══ RECORDS SUPPLIED
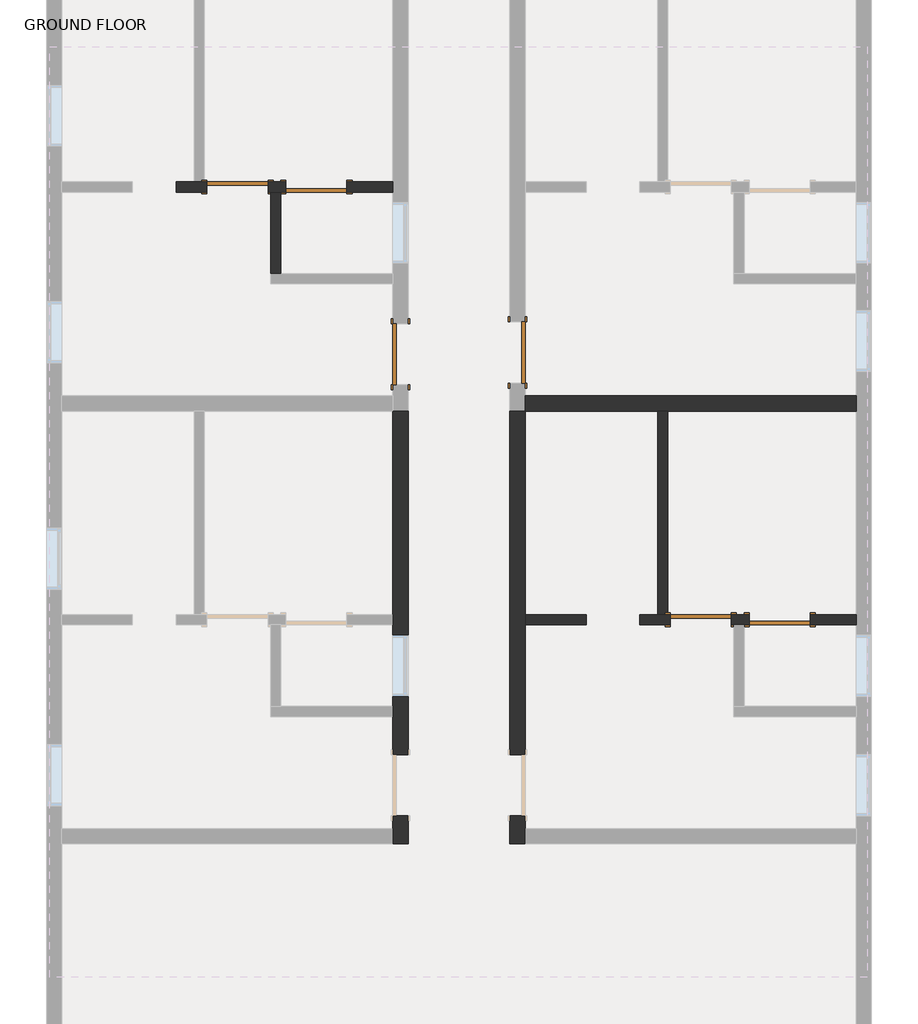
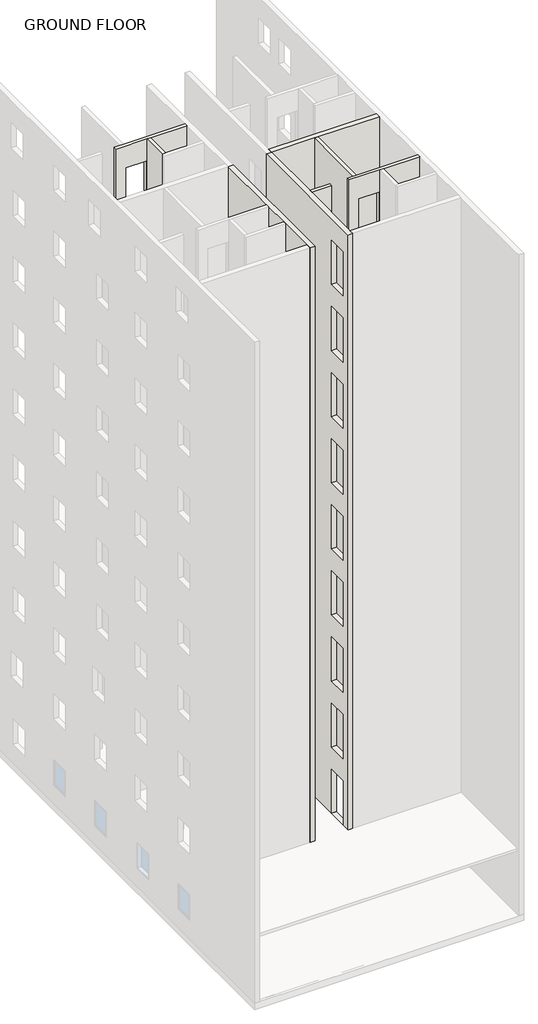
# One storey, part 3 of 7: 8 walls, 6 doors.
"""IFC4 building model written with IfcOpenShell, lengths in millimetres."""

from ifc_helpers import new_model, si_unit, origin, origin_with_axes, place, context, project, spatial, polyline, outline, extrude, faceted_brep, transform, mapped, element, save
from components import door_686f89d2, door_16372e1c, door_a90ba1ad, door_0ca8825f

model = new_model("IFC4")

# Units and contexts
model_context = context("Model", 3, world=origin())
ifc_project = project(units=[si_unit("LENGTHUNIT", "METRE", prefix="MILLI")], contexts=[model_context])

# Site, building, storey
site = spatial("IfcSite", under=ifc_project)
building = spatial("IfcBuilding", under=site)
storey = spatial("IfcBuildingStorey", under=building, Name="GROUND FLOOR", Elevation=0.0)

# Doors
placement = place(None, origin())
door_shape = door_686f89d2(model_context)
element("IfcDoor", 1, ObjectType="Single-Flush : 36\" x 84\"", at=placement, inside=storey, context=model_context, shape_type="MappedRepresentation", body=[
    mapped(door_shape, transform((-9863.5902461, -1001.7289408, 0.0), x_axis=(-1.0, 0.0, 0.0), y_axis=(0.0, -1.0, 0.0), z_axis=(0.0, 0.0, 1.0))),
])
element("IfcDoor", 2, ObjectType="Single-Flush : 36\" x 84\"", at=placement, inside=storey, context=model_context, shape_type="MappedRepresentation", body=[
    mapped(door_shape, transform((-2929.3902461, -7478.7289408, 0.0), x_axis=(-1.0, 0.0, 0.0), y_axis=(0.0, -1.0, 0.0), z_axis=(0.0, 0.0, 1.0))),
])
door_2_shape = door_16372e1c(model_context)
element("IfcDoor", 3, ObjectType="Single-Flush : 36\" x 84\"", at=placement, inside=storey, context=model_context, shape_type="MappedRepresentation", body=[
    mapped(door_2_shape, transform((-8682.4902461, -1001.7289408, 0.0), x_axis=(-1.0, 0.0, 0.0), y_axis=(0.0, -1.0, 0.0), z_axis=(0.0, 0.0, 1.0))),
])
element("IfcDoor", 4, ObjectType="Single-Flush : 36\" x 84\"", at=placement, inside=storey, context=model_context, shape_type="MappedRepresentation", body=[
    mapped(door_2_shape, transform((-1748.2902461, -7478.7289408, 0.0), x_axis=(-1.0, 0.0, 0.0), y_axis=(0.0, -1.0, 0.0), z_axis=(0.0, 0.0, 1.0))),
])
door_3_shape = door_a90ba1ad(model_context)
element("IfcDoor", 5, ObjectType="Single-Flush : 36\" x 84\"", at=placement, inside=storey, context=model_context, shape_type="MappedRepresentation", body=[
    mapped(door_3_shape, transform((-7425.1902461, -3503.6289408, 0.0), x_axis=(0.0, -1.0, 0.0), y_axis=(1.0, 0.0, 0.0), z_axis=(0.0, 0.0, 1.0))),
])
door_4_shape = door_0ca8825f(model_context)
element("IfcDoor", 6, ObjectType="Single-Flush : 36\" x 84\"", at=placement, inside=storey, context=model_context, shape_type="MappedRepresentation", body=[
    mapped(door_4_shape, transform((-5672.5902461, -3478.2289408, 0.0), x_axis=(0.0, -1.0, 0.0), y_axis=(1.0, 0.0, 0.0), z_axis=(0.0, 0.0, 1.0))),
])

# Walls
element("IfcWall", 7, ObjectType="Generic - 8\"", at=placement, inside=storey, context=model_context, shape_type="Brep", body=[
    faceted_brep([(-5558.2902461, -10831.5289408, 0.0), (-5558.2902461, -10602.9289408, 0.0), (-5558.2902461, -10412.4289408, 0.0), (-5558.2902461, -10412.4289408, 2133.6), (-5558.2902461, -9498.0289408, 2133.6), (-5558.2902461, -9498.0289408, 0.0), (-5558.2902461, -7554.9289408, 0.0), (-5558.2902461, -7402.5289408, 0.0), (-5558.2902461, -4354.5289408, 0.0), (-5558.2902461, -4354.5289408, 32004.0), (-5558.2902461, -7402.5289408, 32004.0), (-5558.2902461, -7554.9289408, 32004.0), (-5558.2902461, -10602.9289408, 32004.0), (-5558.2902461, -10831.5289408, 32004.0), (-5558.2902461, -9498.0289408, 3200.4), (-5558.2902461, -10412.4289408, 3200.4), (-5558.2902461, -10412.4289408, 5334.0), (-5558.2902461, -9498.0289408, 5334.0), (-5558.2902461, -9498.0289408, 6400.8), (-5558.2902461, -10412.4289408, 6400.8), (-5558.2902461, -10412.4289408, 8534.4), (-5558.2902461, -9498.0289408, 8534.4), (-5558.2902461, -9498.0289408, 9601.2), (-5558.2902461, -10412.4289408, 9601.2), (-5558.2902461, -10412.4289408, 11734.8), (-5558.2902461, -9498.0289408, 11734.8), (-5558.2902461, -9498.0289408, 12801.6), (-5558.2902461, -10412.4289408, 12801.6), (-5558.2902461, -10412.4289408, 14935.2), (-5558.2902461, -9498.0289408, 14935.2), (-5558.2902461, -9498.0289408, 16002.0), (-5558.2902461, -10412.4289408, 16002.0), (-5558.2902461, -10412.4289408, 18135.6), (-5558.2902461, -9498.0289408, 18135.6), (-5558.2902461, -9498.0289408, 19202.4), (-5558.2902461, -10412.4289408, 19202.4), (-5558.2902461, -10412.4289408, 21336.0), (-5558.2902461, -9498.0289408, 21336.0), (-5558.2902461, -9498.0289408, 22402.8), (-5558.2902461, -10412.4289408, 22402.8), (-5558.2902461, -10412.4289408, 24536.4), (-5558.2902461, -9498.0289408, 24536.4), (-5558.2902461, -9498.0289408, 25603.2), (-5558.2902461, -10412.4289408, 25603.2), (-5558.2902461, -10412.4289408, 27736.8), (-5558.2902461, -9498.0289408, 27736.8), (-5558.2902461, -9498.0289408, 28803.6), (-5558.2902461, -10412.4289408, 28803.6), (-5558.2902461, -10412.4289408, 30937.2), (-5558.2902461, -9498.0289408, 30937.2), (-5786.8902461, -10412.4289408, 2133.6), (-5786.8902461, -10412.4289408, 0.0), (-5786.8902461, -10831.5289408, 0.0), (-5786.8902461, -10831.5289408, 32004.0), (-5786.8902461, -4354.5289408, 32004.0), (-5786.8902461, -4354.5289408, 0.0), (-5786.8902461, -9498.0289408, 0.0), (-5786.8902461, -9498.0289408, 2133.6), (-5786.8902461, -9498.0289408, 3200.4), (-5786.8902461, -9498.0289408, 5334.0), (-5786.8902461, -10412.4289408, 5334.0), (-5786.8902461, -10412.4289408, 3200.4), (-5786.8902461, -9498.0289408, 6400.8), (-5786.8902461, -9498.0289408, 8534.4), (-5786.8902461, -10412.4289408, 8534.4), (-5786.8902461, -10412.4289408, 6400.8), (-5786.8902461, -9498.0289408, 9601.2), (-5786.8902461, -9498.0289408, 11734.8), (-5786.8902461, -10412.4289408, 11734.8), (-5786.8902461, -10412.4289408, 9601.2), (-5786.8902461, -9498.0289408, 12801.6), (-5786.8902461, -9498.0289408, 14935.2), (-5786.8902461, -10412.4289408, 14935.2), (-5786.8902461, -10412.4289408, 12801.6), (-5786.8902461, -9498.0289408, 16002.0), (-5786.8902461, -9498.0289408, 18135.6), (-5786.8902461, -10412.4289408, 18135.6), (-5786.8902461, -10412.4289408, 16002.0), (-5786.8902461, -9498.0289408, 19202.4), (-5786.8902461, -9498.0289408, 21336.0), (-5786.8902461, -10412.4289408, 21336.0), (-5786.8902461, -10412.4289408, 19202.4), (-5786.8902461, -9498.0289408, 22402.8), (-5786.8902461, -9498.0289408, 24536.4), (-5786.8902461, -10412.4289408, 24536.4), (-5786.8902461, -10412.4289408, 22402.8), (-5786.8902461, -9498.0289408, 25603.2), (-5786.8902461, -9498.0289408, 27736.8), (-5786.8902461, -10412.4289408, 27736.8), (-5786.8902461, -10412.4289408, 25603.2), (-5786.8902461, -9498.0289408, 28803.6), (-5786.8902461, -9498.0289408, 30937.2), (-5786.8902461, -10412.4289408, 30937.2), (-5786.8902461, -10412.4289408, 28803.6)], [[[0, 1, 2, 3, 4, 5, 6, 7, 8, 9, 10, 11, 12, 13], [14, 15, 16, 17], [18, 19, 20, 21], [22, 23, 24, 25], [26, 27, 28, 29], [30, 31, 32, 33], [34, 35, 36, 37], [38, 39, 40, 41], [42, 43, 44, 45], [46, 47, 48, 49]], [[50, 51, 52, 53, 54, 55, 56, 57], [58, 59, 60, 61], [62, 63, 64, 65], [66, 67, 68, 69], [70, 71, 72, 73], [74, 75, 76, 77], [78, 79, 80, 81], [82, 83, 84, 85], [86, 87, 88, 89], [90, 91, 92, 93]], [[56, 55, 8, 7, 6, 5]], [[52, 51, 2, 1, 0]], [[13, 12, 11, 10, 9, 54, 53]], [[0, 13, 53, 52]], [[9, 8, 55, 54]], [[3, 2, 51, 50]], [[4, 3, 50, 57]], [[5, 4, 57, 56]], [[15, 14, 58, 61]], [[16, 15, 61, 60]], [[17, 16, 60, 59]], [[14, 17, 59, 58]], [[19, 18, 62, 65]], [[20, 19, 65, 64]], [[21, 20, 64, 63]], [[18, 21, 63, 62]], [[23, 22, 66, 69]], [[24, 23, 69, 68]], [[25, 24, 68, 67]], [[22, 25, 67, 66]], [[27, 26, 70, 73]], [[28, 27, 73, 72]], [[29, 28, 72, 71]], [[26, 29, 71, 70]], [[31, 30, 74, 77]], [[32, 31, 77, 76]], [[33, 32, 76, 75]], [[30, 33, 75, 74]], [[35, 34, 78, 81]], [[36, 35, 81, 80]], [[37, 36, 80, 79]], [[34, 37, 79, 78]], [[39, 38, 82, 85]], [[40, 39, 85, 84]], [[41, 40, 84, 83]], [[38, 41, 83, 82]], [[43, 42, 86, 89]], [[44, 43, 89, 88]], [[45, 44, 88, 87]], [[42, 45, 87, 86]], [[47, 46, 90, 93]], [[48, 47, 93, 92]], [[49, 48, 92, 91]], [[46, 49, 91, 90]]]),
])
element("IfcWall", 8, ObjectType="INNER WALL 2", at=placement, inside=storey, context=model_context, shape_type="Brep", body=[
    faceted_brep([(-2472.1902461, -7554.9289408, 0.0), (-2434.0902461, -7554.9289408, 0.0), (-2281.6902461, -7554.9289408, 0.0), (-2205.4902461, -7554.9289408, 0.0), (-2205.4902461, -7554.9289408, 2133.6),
════
**INSTRUCTIONS FOR THE TASK**
If a line above contains the word "from", list it.

**RESULT OF THIS EXERCISE**
from ifc_helpers import new_model, si_unit, origin, origin_with_axes, place, context, project, spatial, polyline, outline, extrude, faceted_brep, transform, mapped, element, save
from components import door_686f89d2, door_16372e1c, door_a90ba1ad, door_0ca8825f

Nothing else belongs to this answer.